Task - Look through the lines below for the word "cuts", and copy every line that has it.

----

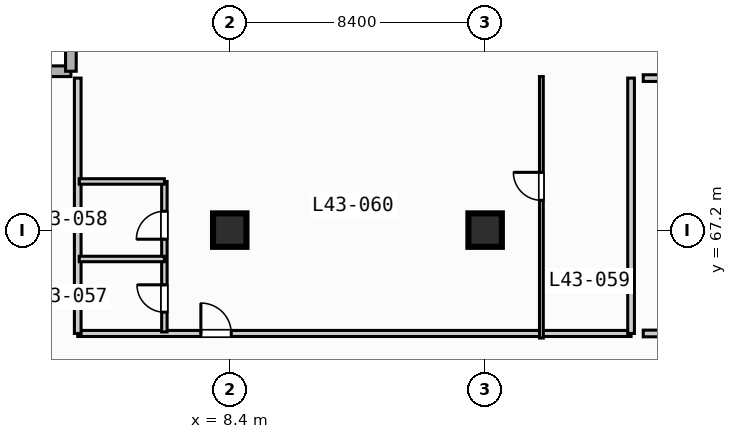
"""IFC4 building model, lengths in metres.
Left out: names, types, materials, properties, quantities, classifications, styles, units other than length and angle.
Written with IfcOpenShell. Run it as: python <this file> out.ifc"""

import sys

from ifc_helpers import new_model, si_unit, direction, frame, frame_2d, origin, origin_2d, place, context, subcontext, project, spatial, rectangle, extrude, element, fill, save


model = new_model("IFC4")
c1 = context("Model", 3, precision=1e-05, world=origin(), true_north=direction((0.0, 1.0)))
c2 = subcontext(c1, "Body", "Model", "MODEL_VIEW")
j1 = project(units=[si_unit("LENGTHUNIT", "METRE"), si_unit("PLANEANGLEUNIT", "RADIAN")], contexts=[c1])
p1 = place(None, origin())
s1 = spatial("IfcSite", under=j1, at=p1, CompositionType="ELEMENT")
p2 = place(p1, origin())
s2 = spatial("IfcBuilding", under=s1, at=p2, CompositionType="ELEMENT")
p3 = place(p2, frame((0.0, 0.0, 179.1)))
s3 = spatial("IfcBuildingStorey", under=s2, at=p3, CompositionType="ELEMENT", Elevation=179.1)
for number, where, z_axis, x_axis in (
    (1, (8.4, 67.2, 0.0), (0.0, 0.0, 1.0), (1.0, 0.0, 0.0)),
    (2, (16.8, 67.2, 0.0), (0.0, 0.0, 1.0), (1.0, 0.0, 0.0)),
):
    element("IfcColumn", number, at=place(p3, frame(where, z_axis=z_axis, x_axis=x_axis)), inside=s3, PredefinedType="COLUMN", context=c2, shape_type="SweptSolid", body=[
        extrude(rectangle(XDim=1.1, YDim=1.1, at=origin_2d()), origin(), (0.0, 0.0, 1.0), 3.7),
    ])
for number, where, z_axis, x_axis in (
    (3, (0.175, 72.425, 0.0), (0.0, 0.0, 1.0), (1.0, 0.0, 0.0)),
    (4, (3.175, 72.425, 0.0), (0.0, 0.0, 1.0), (0.0, 1.0, 0.0)),
):
    element("IfcWall", number, at=place(p3, frame(where, z_axis=z_axis, x_axis=x_axis)), inside=s3, PredefinedType="STANDARD", context=c2, shape_type="SweptSolid", body=[
        extrude(rectangle(XDim=3.0, YDim=0.35, at=frame_2d((1.5, 0.0))), origin(), (0.0, 0.0, 1.0), 3.47),
    ])
p4 = place(p3, frame((3.4, 63.8, 0.0), z_axis=(0.0, 0.0, 1.0), x_axis=(1.0, 0.0, 0.0)))
e5 = element("IfcWall", 5, at=p4, inside=s3, PredefinedType="PARTITIONING", context=c2, shape_type="SweptSolid", body=[
    extrude(rectangle(XDim=18.2, YDim=0.2, at=frame_2d((9.1, 0.0))), origin(), (0.0, 0.0, 1.0), 3.47),
])
p5 = place(p4, frame((4.05, 0.0, 0.0)))
e6 = element("IfcOpeningElement", 6, at=p5, cuts=e5, PredefinedType="OPENING", context=c2, shape_type="SweptSolid", body=[
    extrude(rectangle(XDim=1.0, YDim=2.15, at=frame_2d((0.5, 1.075))), frame((0.0, 0.11, 0.0), z_axis=(0.0, -1.0, 0.0), x_axis=(1.0, 0.0, 0.0)), (0.0, 0.0, 1.0), 0.22),
])
for number, where, z_axis, x_axis in (
    (7, (21.6, 63.8, 0.0), (0.0, 0.0, 1.0), (0.0, 1.0, 0.0)),
    (8, (3.4, 63.8, 0.0), (0.0, 0.0, 1.0), (0.0, 1.0, 0.0)),
):
    element("IfcWall", number, at=place(p3, frame(where, z_axis=z_axis, x_axis=x_axis)), inside=s3, PredefinedType="PARTITIONING", context=c2, shape_type="SweptSolid", body=[
        extrude(rectangle(XDim=8.4, YDim=0.22, at=frame_2d((4.2, 0.0))), origin(), (0.0, 0.0, 1.0), 3.47),
    ])
p6 = place(p3, frame((6.25, 63.85, 0.0), z_axis=(0.0, 0.0, 1.0), x_axis=(0.0, 1.0, 0.0)))
e9 = element("IfcWall", 9, at=p6, inside=s3, PredefinedType="PLUMBINGWALL", context=c2, shape_type="SweptSolid", body=[
    extrude(rectangle(XDim=4.95, YDim=0.18, at=frame_2d((2.475, 0.0))), origin(), (0.0, 0.0, 1.0), 3.47),
])
p7 = place(p6, frame((0.65, 0.0, 0.0)))
e10 = element("IfcOpeningElement", 10, at=p7, cuts=e9, PredefinedType="OPENING", context=c2, shape_type="SweptSolid", body=[
    extrude(rectangle(XDim=0.9, YDim=2.1, at=frame_2d((0.45, 1.05))), frame((0.0, 0.1, 0.0), z_axis=(0.0, -1.0, 0.0), x_axis=(1.0, 0.0, 0.0)), (0.0, 0.0, 1.0), 0.2),
])
p8 = place(p6, frame((3.05, 0.0, 0.0)))
e11 = element("IfcOpeningElement", 11, at=p8, cuts=e9, PredefinedType="OPENING", context=c2, shape_type="SweptSolid", body=[
    extrude(rectangle(XDim=0.92, YDim=2.1, at=frame_2d((0.46, 1.05))), frame((0.0, 0.1, 0.0), z_axis=(0.0, -1.0, 0.0), x_axis=(1.0, 0.0, 0.0)), (0.0, 0.0, 1.0), 0.2),
])
for number, where, z_axis, x_axis in (
    (12, (3.45, 66.25, 0.0), (0.0, 0.0, 1.0), (1.0, 0.0, 0.0)),
    (13, (3.45, 68.8, 0.0), (0.0, 0.0, 1.0), (1.0, 0.0, 0.0)),
):
    element("IfcWall", number, at=place(p3, frame(where, z_axis=z_axis, x_axis=x_axis)), inside=s3, PredefinedType="PLUMBINGWALL", context=c2, shape_type="SweptSolid", body=[
        extrude(rectangle(XDim=2.8, YDim=0.18, at=frame_2d((1.4, 0.0))), origin(), (0.0, 0.0, 1.0), 3.47),
    ])
p9 = place(p3, frame((18.65, 63.65, 0.0), z_axis=(0.0, 0.0, 1.0), x_axis=(0.0, 1.0, 0.0)))
e14 = element("IfcWall", 14, at=p9, inside=s3, PredefinedType="PARTITIONING", context=c2, shape_type="SweptSolid", body=[
    extrude(rectangle(XDim=8.6, YDim=0.125, at=frame_2d((4.3, 0.0))), origin(), (0.0, 0.0, 1.0), 3.47),
])
p10 = place(p9, frame((4.53, 0.0, 0.0)))
e15 = element("IfcOpeningElement", 15, at=p10, cuts=e14, PredefinedType="OPENING", context=c2, shape_type="SweptSolid", body=[
    extrude(rectangle(XDim=0.92, YDim=2.1, at=frame_2d((0.46, 1.05))), frame((0.0, 0.073, 0.0), z_axis=(0.0, -1.0, 0.0), x_axis=(1.0, 0.0, 0.0)), (0.0, 0.0, 1.0), 0.145),
])
p11 = place(p3, frame((22.0, 72.2, 0.0), z_axis=(0.0, 0.0, 1.0), x_axis=(1.0, 0.0, 0.0)))
e16 = element("IfcWall", 16, at=p11, inside=s3, PredefinedType="PARTITIONING", context=c2, shape_type="SweptSolid", body=[
    extrude(rectangle(XDim=11.3, YDim=0.22, at=frame_2d((5.65, 0.0))), origin(), (0.0, 0.0, 1.0), 3.47),
])
p12 = place(p3, frame((22.0, 63.8, 0.0), z_axis=(0.0, 0.0, 1.0), x_axis=(1.0, 0.0, 0.0)))
e17 = element("IfcWall", 17, at=p12, inside=s3, PredefinedType="PARTITIONING", context=c2, shape_type="SweptSolid", body=[
    extrude(rectangle(XDim=6.0, YDim=0.22, at=frame_2d((3.0, 0.0))), origin(), (0.0, 0.0, 1.0), 3.47),
])
p13 = place(p5, origin())
e18 = element("IfcDoor", 18, at=p13, inside=s3, OperationType="SINGLE_SWING_LEFT", PredefinedType="DOOR", context=c2, shape_type="SweptSolid", body=[
    extrude(rectangle(XDim=1.0, YDim=2.15, at=frame_2d((0.5, 1.075))), frame((0.0, 0.025, 0.0), z_axis=(0.0, -1.0, 0.0), x_axis=(1.0, 0.0, 0.0)), (0.0, 0.0, 1.0), 0.05),
])
fill(e6, e18)
p14 = place(p7, origin())
e19 = element("IfcDoor", 19, at=p14, inside=s3, OperationType="SINGLE_SWING_RIGHT", PredefinedType="DOOR", context=c2, shape_type="SweptSolid", body=[
    extrude(rectangle(XDim=0.9, YDim=2.1, at=frame_2d((0.45, 1.05))), frame((0.0, 0.025, 0.0), z_axis=(0.0, -1.0, 0.0), x_axis=(1.0, 0.0, 0.0)), (0.0, 0.0, 1.0), 0.05),
])
fill(e10, e19)
p15 = place(p8, origin())
e20 = element("IfcDoor", 20, at=p15, inside=s3, OperationType="SINGLE_SWING_LEFT", PredefinedType="DOOR", context=c2, shape_type="SweptSolid", body=[
    extrude(rectangle(XDim=0.92, YDim=2.1, at=frame_2d((0.46, 1.05))), frame((0.0, 0.025, 0.0), z_axis=(0.0, -1.0, 0.0), x_axis=(1.0, 0.0, 0.0)), (0.0, 0.0, 1.0), 0.05),
])
fill(e11, e20)
p16 = place(p10, origin())
e21 = element("IfcDoor", 21, at=p16, inside=s3, OperationType="SINGLE_SWING_RIGHT", PredefinedType="DOOR", context=c2, shape_type="SweptSolid", body=[
    extrude(rectangle(XDim=0.92, YDim=2.1, at=frame_2d((0.46, 1.05))), frame((0.0, 0.025, 0.0), z_axis=(0.0, -1.0, 0.0), x_axis=(1.0, 0.0, 0.0)), (0.0, 0.0, 1.0), 0.05),
])
fill(e15, e21)
save(model, sys.argv[1])

----

Solution to this problem -
e6 = element("IfcOpeningElement", 6, at=p5, cuts=e5, PredefinedType="OPENING", context=c2, shape_type="SweptSolid", body=[
e10 = element("IfcOpeningElement", 10, at=p7, cuts=e9, PredefinedType="OPENING", context=c2, shape_type="SweptSolid", body=[
e11 = element("IfcOpeningElement", 11, at=p8, cuts=e9, PredefinedType="OPENING", context=c2, shape_type="SweptSolid", body=[
e15 = element("IfcOpeningElement", 15, at=p10, cuts=e14, PredefinedType="OPENING", context=c2, shape_type="SweptSolid", body=[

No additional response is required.